§ WORK INSTRUCTION:
From the records below, output exactly the lines running from the line containing "p17 = place(p14, frame((5.913, 0.0, 0.0)))" through the line containing "10.0, 0.0), z_axis=(0.0, 0.0, 1.0), x_axis=(1.0, 0.0, 0.0)))", and no others.

§ RECORDED DATA:
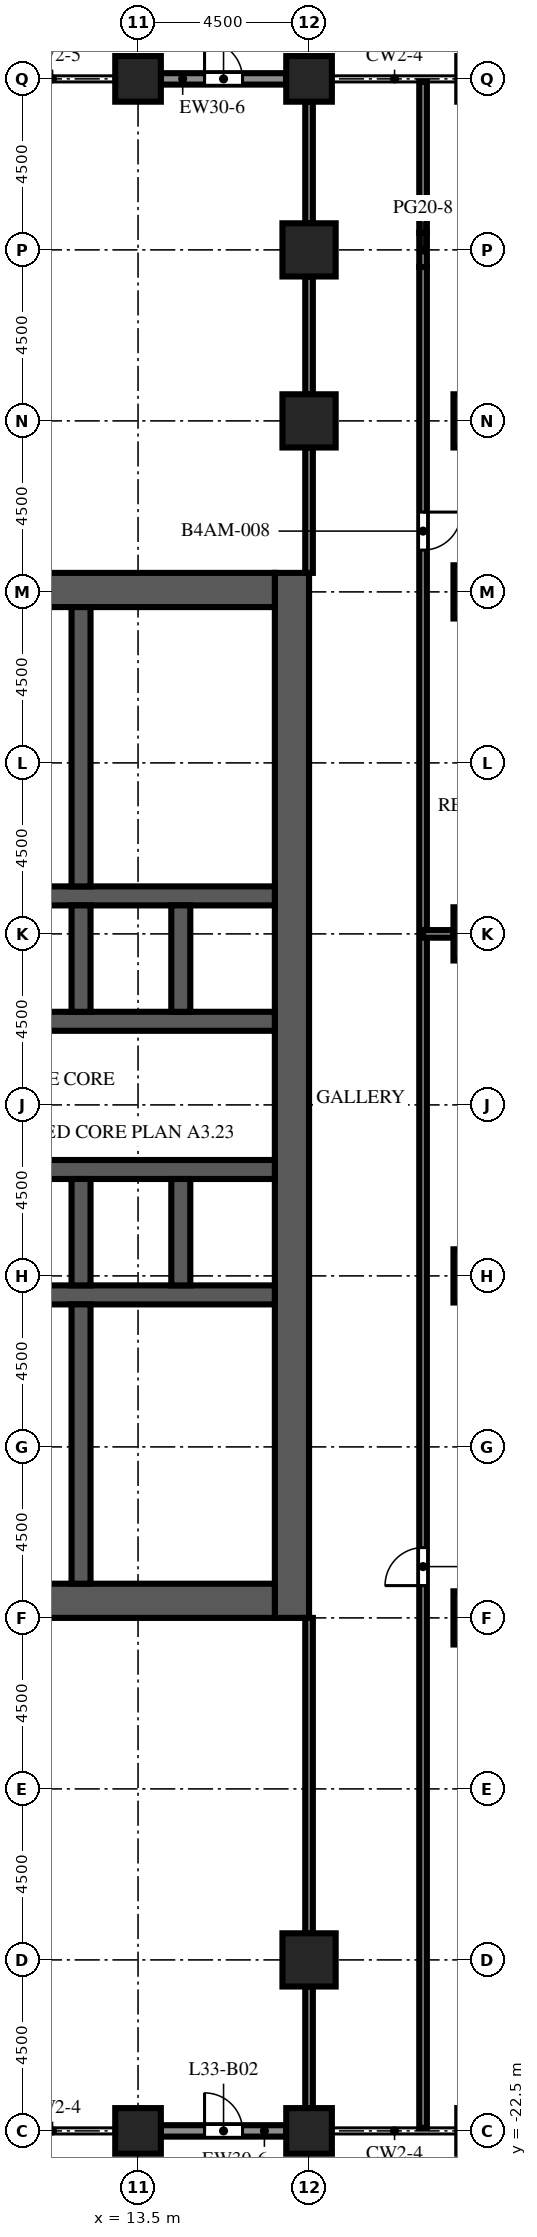
"""IFC4 building model, lengths in metres.
Left out: names, types, materials, properties, quantities, classifications, styles, units other than length and angle.
Written with IfcOpenShell. Run it as: python <this file> out.ifc"""

import sys

from ifc_helpers import new_model, si_unit, direction, frame, frame_2d, origin, origin_2d, place, context, subcontext, project, spatial, rectangle, extrude, element, fill, save


model = new_model("IFC4")
c1 = context("Model", 3, precision=1e-05, world=origin(), true_north=direction((0.0, 1.0)))
c2 = subcontext(c1, "Body", "Model", "MODEL_VIEW")
j1 = project(units=[si_unit("LENGTHUNIT", "METRE"), si_unit("PLANEANGLEUNIT", "RADIAN")], contexts=[c1])
p1 = place(None, origin())
s1 = spatial("IfcSite", under=j1, at=p1, CompositionType="ELEMENT")
p2 = place(p1, origin())
s2 = spatial("IfcBuilding", under=s1, at=p2, CompositionType="ELEMENT")
p3 = place(p2, frame((0.0, 0.0, 145.4)))
s3 = spatial("IfcBuildingStorey", under=s2, at=p3, CompositionType="ELEMENT", Elevation=145.4)
for number, where, z_axis, x_axis in (
    (1, (13.5, -22.5, 0.0), (0.0, 0.0, 1.0), (1.0, 0.0, 0.0)),
    (2, (13.5, 31.5, 0.0), (0.0, 0.0, 1.0), (1.0, 0.0, 0.0)),
    (3, (18.0, -22.5, 0.0), (0.0, 0.0, 1.0), (1.0, 0.0, 0.0)),
    (4, (18.0, 31.5, 0.0), (0.0, 0.0, 1.0), (1.0, 0.0, 0.0)),
):
    element("IfcColumn", number, at=place(p3, frame(where, z_axis=z_axis, x_axis=x_axis)), inside=s3, PredefinedType="COLUMN", context=c2, shape_type="SweptSolid", body=[
        extrude(rectangle(XDim=1.2, YDim=1.2, at=origin_2d()), origin(), (0.0, 0.0, 1.0), 6.0),
    ])
for number, where, z_axis, x_axis in (
    (5, (18.0, -18.0, 0.0), (0.0, 0.0, 1.0), (1.0, 0.0, 0.0)),
    (6, (18.0, 22.5, 0.0), (0.0, 0.0, 1.0), (1.0, 0.0, 0.0)),
):
    element("IfcColumn", number, at=place(p3, frame(where, z_axis=z_axis, x_axis=x_axis)), inside=s3, PredefinedType="COLUMN", context=c2, shape_type="SweptSolid", body=[
        extrude(rectangle(XDim=1.4, YDim=1.4, at=origin_2d()), origin(), (0.0, 0.0, 1.0), 6.0),
    ])
p4 = place(p3, frame((18.0, 27.0, 0.0), z_axis=(0.0, 0.0, 1.0), x_axis=(1.0, 0.0, 0.0)))
e7 = element("IfcColumn", 7, at=p4, inside=s3, PredefinedType="COLUMN", context=c2, shape_type="SweptSolid", body=[
    extrude(rectangle(XDim=1.4, YDim=1.4, at=origin_2d()), origin(), (0.0, 0.0, 1.0), 5.4),
])
for number, where, z_axis, x_axis in (
    (8, (22.5, -9.0, 0.0), (0.0, 0.0, 1.0), (1.0, 0.0, 0.0)),
    (9, (22.5, 0.0, 0.0), (0.0, 0.0, 1.0), (1.0, 0.0, 0.0)),
    (10, (22.5, 9.0, 0.0), (0.0, 0.0, 1.0), (1.0, 0.0, 0.0)),
    (11, (22.5, 18.0, 0.0), (0.0, 0.0, 1.0), (1.0, 0.0, 0.0)),
    (12, (22.5, 22.5, 0.0), (0.0, 0.0, 1.0), (1.0, 0.0, 0.0)),
):
    element("IfcColumn", number, at=place(p3, frame(where, z_axis=z_axis, x_axis=x_axis)), inside=s3, PredefinedType="COLUMN", context=c2, shape_type="SweptSolid", body=[
        extrude(rectangle(XDim=1.4, YDim=1.4, at=origin_2d()), origin(), (0.0, 0.0, 1.0), 6.0),
    ])
p5 = place(p3, frame((17.55, -9.0, 0.0), z_axis=(0.0, 0.0, 1.0), x_axis=(0.0, 1.0, 0.0)))
e13 = element("IfcWall", 13, at=p5, inside=s3, PredefinedType="SHEAR", context=c2, shape_type="SweptSolid", body=[
    extrude(rectangle(XDim=27.5, YDim=0.9, at=frame_2d((13.75, 0.0))), origin(), (0.0, 0.0, 1.0), 6.0),
])
p6 = place(p5, frame((12.55, 0.0, 0.0)))
e14 = element("IfcOpeningElement", 14, at=p6, cuts=e13, PredefinedType="OPENING", context=c2, shape_type="SweptSolid", body=[
    extrude(rectangle(XDim=2.4, YDim=2.4, at=frame_2d((1.2, 1.2))), frame((0.0, 0.46, 0.0), z_axis=(0.0, -1.0, 0.0), x_axis=(1.0, 0.0, 0.0)), (0.0, 0.0, 1.0), 0.92),
])
p7 = place(p5, frame((6.825, 0.0, 0.0)))
e15 = element("IfcOpeningElement", 15, at=p7, cuts=e13, PredefinedType="OPENING", context=c2, shape_type="SweptSolid", body=[
    extrude(rectangle(XDim=1.2, YDim=2.1, at=frame_2d((0.6, 1.05))), frame((0.0, 0.46, 0.0), z_axis=(0.0, -1.0, 0.0), x_axis=(1.0, 0.0, 0.0)), (0.0, 0.0, 1.0), 0.92),
])
p8 = place(p5, frame((19.475, 0.0, 0.0)))
e16 = element("IfcOpeningElement", 16, at=p8, cuts=e13, PredefinedType="OPENING", context=c2, shape_type="SweptSolid", body=[
    extrude(rectangle(XDim=1.2, YDim=2.1, at=frame_2d((0.6, 1.05))), frame((0.0, 0.46, 0.0), z_axis=(0.0, -1.0, 0.0), x_axis=(1.0, 0.0, 0.0)), (0.0, 0.0, 1.0), 0.92),
])
for number, where, z_axis, x_axis in (
    (17, (6.9, -8.55, 0.0), (0.0, 0.0, 1.0), (1.0, 0.0, 0.0)),
    (18, (6.9, 18.05, 0.0), (0.0, 0.0, 1.0), (1.0, 0.0, 0.0)),
):
    element("IfcWall", number, at=place(p3, frame(where, z_axis=z_axis, x_axis=x_axis)), inside=s3, PredefinedType="SHEAR", context=c2, shape_type="SweptSolid", body=[
        extrude(rectangle(XDim=10.2, YDim=0.9, at=frame_2d((5.1, 0.0))), origin(), (0.0, 0.0, 1.0), 6.0),
    ])
p9 = place(p3, frame((6.9, -0.5, 0.0), z_axis=(0.0, 0.0, 1.0), x_axis=(1.0, 0.0, 0.0)))
e19 = element("IfcWall", 19, at=p9, inside=s3, PredefinedType="SHEAR", context=c2, shape_type="SweptSolid", body=[
    extrude(rectangle(XDim=10.2, YDim=0.5, at=frame_2d((5.1, 0.0))), origin(), (0.0, 0.0, 1.0), 6.0),
])
p10 = place(p3, frame((6.9, 2.8, 0.0), z_axis=(0.0, 0.0, 1.0), x_axis=(1.0, 0.0, 0.0)))
e20 = element("IfcWall", 20, at=p10, inside=s3, PredefinedType="SHEAR", context=c2, shape_type="SweptSolid", body=[
    extrude(rectangle(XDim=10.2, YDim=0.5, at=frame_2d((5.1, 0.0))), origin(), (0.0, 0.0, 1.0), 6.0),
])
p11 = place(p10, frame((0.562, 0.0, 0.0)))
e21 = element("IfcOpeningElement", 21, at=p11, cuts=e20, PredefinedType="OPENING", context=c2, shape_type="SweptSolid", body=[
    extrude(rectangle(XDim=1.1, YDim=2.1, at=frame_2d((0.55, 1.05))), frame((0.0, 0.26, 0.0), z_axis=(0.0, -1.0, 0.0), x_axis=(1.0, 0.0, 0.0)), (0.0, 0.0, 1.0), 0.52),
])
p12 = place(p10, frame((3.238, 0.0, 0.0)))
e22 = element("IfcOpeningElement", 22, at=p12, cuts=e20, PredefinedType="OPENING", context=c2, shape_type="SweptSolid", body=[
    extrude(rectangle(XDim=1.1, YDim=2.1, at=frame_2d((0.55, 1.05))), frame((0.0, 0.26, 0.0), z_axis=(0.0, -1.0, 0.0), x_axis=(1.0, 0.0, 0.0)), (0.0, 0.0, 1.0), 0.52),
])
p13 = place(p10, frame((8.538, 0.0, 0.0)))
e23 = element("IfcOpeningElement", 23, at=p13, cuts=e20, PredefinedType="OPENING", context=c2, shape_type="SweptSolid", body=[
    extrude(rectangle(XDim=1.1, YDim=2.1, at=frame_2d((0.55, 1.05))), frame((0.0, 0.26, 0.0), z_axis=(0.0, -1.0, 0.0), x_axis=(1.0, 0.0, 0.0)), (0.0, 0.0, 1.0), 0.52),
])
p14 = place(p3, frame((6.9, 6.7, 0.0), z_axis=(0.0, 0.0, 1.0), x_axis=(1.0, 0.0, 0.0)))
e24 = element("IfcWall", 24, at=p14, inside=s3, PredefinedType="SHEAR", context=c2, shape_type="SweptSolid", body=[
    extrude(rectangle(XDim=10.2, YDim=0.5, at=frame_2d((5.1, 0.0))), origin(), (0.0, 0.0, 1.0), 6.0),
])
p15 = place(p14, frame((0.562, 0.0, 0.0)))
e25 = element("IfcOpeningElement", 25, at=p15, cuts=e24, PredefinedType="OPENING", context=c2, shape_type="SweptSolid", body=[
    extrude(rectangle(XDim=1.1, YDim=2.1, at=frame_2d((0.55, 1.05))), frame((0.0, 0.26, 0.0), z_axis=(0.0, -1.0, 0.0), x_axis=(1.0, 0.0, 0.0)), (0.0, 0.0, 1.0), 0.52),
])
p16 = place(p14, frame((3.288, 0.0, 0.0)))
e26 = element("IfcOpeningElement", 26, at=p16, cuts=e24, PredefinedType="OPENING", context=c2, shape_type="SweptSolid", body=[
    extrude(rectangle(XDim=1.0, YDim=2.1, at=frame_2d((0.5, 1.05))), frame((0.0, 0.26, 0.0), z_axis=(0.0, -1.0, 0.0), x_axis=(1.0, 0.0, 0.0)), (0.0, 0.0, 1.0), 0.52),
])
p17 = place(p14, frame((5.913, 0.0, 0.0)))
e27 = element("IfcOpeningElement", 27, at=p17, cuts=e24, PredefinedType="OPENING", context=c2, shape_type="SweptSolid", body=[
    extrude(rectangle(XDim=1.0, YDim=2.1, at=frame_2d((0.5, 1.05))), frame((0.0, 0.26, 0.0), z_axis=(0.0, -1.0, 0.0), x_axis=(1.0, 0.0, 0.0)), (0.0, 0.0, 1.0), 0.52),
])
p18 = place(p14, frame((8.587, 0.0, 0.0)))
e28 = element("IfcOpeningElement", 28, at=p18, cuts=e24, PredefinedType="OPENING", context=c2, shape_type="SweptSolid", body=[
    extrude(rectangle(XDim=1.0, YDim=2.1, at=frame_2d((0.5, 1.05))), frame((0.0, 0.26, 0.0), z_axis=(0.0, -1.0, 0.0), x_axis=(1.0, 0.0, 0.0)), (0.0, 0.0, 1.0), 0.52),
])
p19 = place(p3, frame((6.9, 10.0, 0.0), z_axis=(0.0, 0.0, 1.0), x_axis=(1.0, 0.0, 0.0)))
e29 = element("IfcWall", 29, at=p19, inside=s3, PredefinedType="SHEAR", context=c2, shape_type="SweptSolid", body=[
    extrude(rectangle(XDim=10.2, YDim=0.5, at=frame_2d((5.1, 0.0))), origin(), (0.0, 0.0, 1.0), 6.0),
])
for number, where, z_axis, x_axis in (
    (30, (12.0, -0.25, 0.0), (0.0, 0.0, 1.0), (0.0, 1.0, 0.0)),
    (31, (12.0, 6.95, 0.0), (0.0, 0.0, 1.0), (0.0, 1.0, 0.0)),
    (32, (14.625, -0.25, 0.0), (0.0, 0.0, 1.0), (0.0, 1.0, 0.0)),
    (33, (14.625, 6.95, 0.0), (0.0, 0.0, 1.0), (0.0, 1.0, 0.0)),
):
    element("IfcWall", number, at=place(p3, frame(where, z_axis=z_axis, x_axis=x_axis)), inside=s3, PredefinedType="SHEAR", context=c2, shape_type="SweptSolid", body=[
        extrude(rectangle(XDim=2.8, YDim=0.5, at=frame_2d((1.4, 0.0))), origin(), (0.0, 0.0, 1.0), 6.0),
    ])
for number, where, z_axis, x_axis in (
    (34, (12.0, -8.1, 0.0), (0.0, 0.0, 1.0), (0.0, 1.0, 0.0)),
    (35, (12.0, 10.25, 0.0), (0.0, 0.0, 1.0), (0.0, 1.0, 0.0)),
):
    element("IfcWall", number, at=place(p3, frame(where, z_axis=z_axis, x_axis=x_axis)), inside=s3, PredefinedType="SHEAR", context=c2, shape_type="SweptSolid", body=[
        extrude(rectangle(XDim=7.35, YDim=0.5, at=frame_2d((3.675, 0.0))), origin(), (0.0, 0.0, 1.0), 6.0),
    ])
p20 = place(p3, frame((17.4, -22.5, 0.0), z_axis=(0.0, 0.0, 1.0), x_axis=(-1.0, 0.0, 0.0)))
e36 = element("IfcWall", 36, at=p20, inside=s3, PredefinedType="SOLIDWALL", context=c2, shape_type="SweptSolid", body=[
    extrude(rectangle(XDim=3.3, YDim=0.3, at=frame_2d((1.65, 0.0))), origin(), (0.0, 0.0, 1.0), 4.5),
])
p21 = place(p20, frame((1.15, 0.0, 0.0)))
e37 = element("IfcOpeningElement", 37, at=p21, cuts=e36, PredefinedType="OPENING", context=c2, shape_type="SweptSolid", body=[
    extrude(rectangle(XDim=1.0, YDim=2.2, at=frame_2d((0.5, 1.1))), frame((0.0, 0.16, 0.0), z_axis=(0.0, -1.0, 0.0), x_axis=(1.0, 0.0, 0.0)), (0.0, 0.0, 1.0), 0.32),
])
p22 = place(p3, frame((14.1, 31.5, 0.0), z_axis=(0.0, 0.0, 1.0), x_axis=(1.0, 0.0, 0.0)))
e38 = element("IfcWall", 38, at=p22, inside=s3, PredefinedType="SOLIDWALL", context=c2, shape_type="SweptSolid", body=[
    extrude(rectangle(XDim=3.3, YDim=0.3, at=frame_2d((1.65, 0.0))), origin(), (0.0, 0.0, 1.0), 4.5),
])
p23 = place(p22, frame((1.15, 0.0, 0.0)))
e39 = element("IfcOpeningElement", 39, at=p23, cuts=e38, PredefinedType="OPENING", context=c2, shape_type="SweptSolid", body=[
    extrude(rectangle(XDim=1.0, YDim=2.2, at=frame_2d((0.5, 1.1))), frame((0.0, 0.16, 0.0), z_axis=(0.0, -1.0, 0.0), x_axis=(1.0, 0.0, 0.0)), (0.0, 0.0, 1.0), 0.32),
])
p24 = place(p3, frame((9.325, -3.69, 0.0), z_axis=(0.0, 0.0, 1.0), x_axis=(1.0, 0.0, 0.0)))
e40 = element("IfcWall", 40, at=p24, inside=s3, PredefinedType="PARTITIONING", context=c2, shape_type="SweptSolid", body=[
    extrude(rectangle(XDim=2.425, YDim=0.1, at=frame_2d((1.212, 0.0))), origin(), (0.0, 0.0, 1.0), 5.4),
])
p25 = place(p24, frame((0.712, 0.0, 0.0)))
e41 = element("IfcOpeningElement", 41, at=p25, cuts=e40, PredefinedType="OPENING", context=c2, shape_type="SweptSolid", body=[
    extrude(rectangle(XDim=1.0, YDim=2.1, at=frame_2d((0.5, 1.05))), frame((0.0, 0.06, 0.0), z_axis=(0.0, -1.0, 0.0), x_axis=(1.0, 0.0, 0.0)), (0.0, 0.0, 1.0), 0.12),
])
p26 = place(p3, frame((9.325, -2.367, 0.0), z_axis=(0.0, 0.0, 1.0), x_axis=(1.0, 0.0, 0.0)))
e42 = element("IfcWall", 42, at=p26, inside=s3, PredefinedType="PARTITIONING", context=c2, shape_type="SweptSolid", body=[
    extrude(rectangle(XDim=2.425, YDim=0.1, at=frame_2d((1.212, 0.0))), origin(), (0.0, 0.0, 1.0), 5.4),
])
p27 = place(p26, frame((0.712, 0.0, 0.0)))
e43 = element("IfcOpeningElement", 43, at=p27, cuts=e42, PredefinedType="OPENING", context=c2, shape_type="SweptSolid", body=[
    extrude(rectangle(XDim=1.0, YDim=2.1, at=frame_2d((0.5, 1.05))), frame((0.0, 0.06, 0.0), z_axis=(0.0, -1.0, 0.0), x_axis=(1.0, 0.0, 0.0)), (0.0, 0.0, 1.0), 0.12),
])
for number, where, z_axis, x_axis in (
    (44, (8.2, 12.455, 0.0), (0.0, 0.0, 1.0), (1.0, 0.0, 0.0)),
    (45, (8.2, 15.028, 0.0), (0.0, 0.0, 1.0), (1.0, 0.0, 0.0)),
):
    element("IfcWall", number, at=place(p3, frame(where, z_axis=z_axis, x_axis=x_axis)), inside=s3, PredefinedType="PARTITIONING", context=c2, shape_type="SweptSolid", body=[
        extrude(rectangle(XDim=3.55, YDim=0.1, at=frame_2d((1.775, 0.0))), origin(), (0.0, 0.0, 1.0), 5.4),
    ])
p28 = place(p3, frame((18.0, -21.9, 0.0), z_axis=(0.0, 0.0, 1.0), x_axis=(0.0, 1.0, 0.0)))
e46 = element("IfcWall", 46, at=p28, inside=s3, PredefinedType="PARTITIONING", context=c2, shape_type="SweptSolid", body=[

§ RESPONSE TO THIS TASK:
p17 = place(p14, frame((5.913, 0.0, 0.0)))
e27 = element("IfcOpeningElement", 27, at=p17, cuts=e24, PredefinedType="OPENING", context=c2, shape_type="SweptSolid", body=[
    extrude(rectangle(XDim=1.0, YDim=2.1, at=frame_2d((0.5, 1.05))), frame((0.0, 0.26, 0.0), z_axis=(0.0, -1.0, 0.0), x_axis=(1.0, 0.0, 0.0)), (0.0, 0.0, 1.0), 0.52),
])
p18 = place(p14, frame((8.587, 0.0, 0.0)))
e28 = element("IfcOpeningElement", 28, at=p18, cuts=e24, PredefinedType="OPENING", context=c2, shape_type="SweptSolid", body=[
    extrude(rectangle(XDim=1.0, YDim=2.1, at=frame_2d((0.5, 1.05))), frame((0.0, 0.26, 0.0), z_axis=(0.0, -1.0, 0.0), x_axis=(1.0, 0.0, 0.0)), (0.0, 0.0, 1.0), 0.52),
])
p19 = place(p3, frame((6.9, 10.0, 0.0), z_axis=(0.0, 0.0, 1.0), x_axis=(1.0, 0.0, 0.0)))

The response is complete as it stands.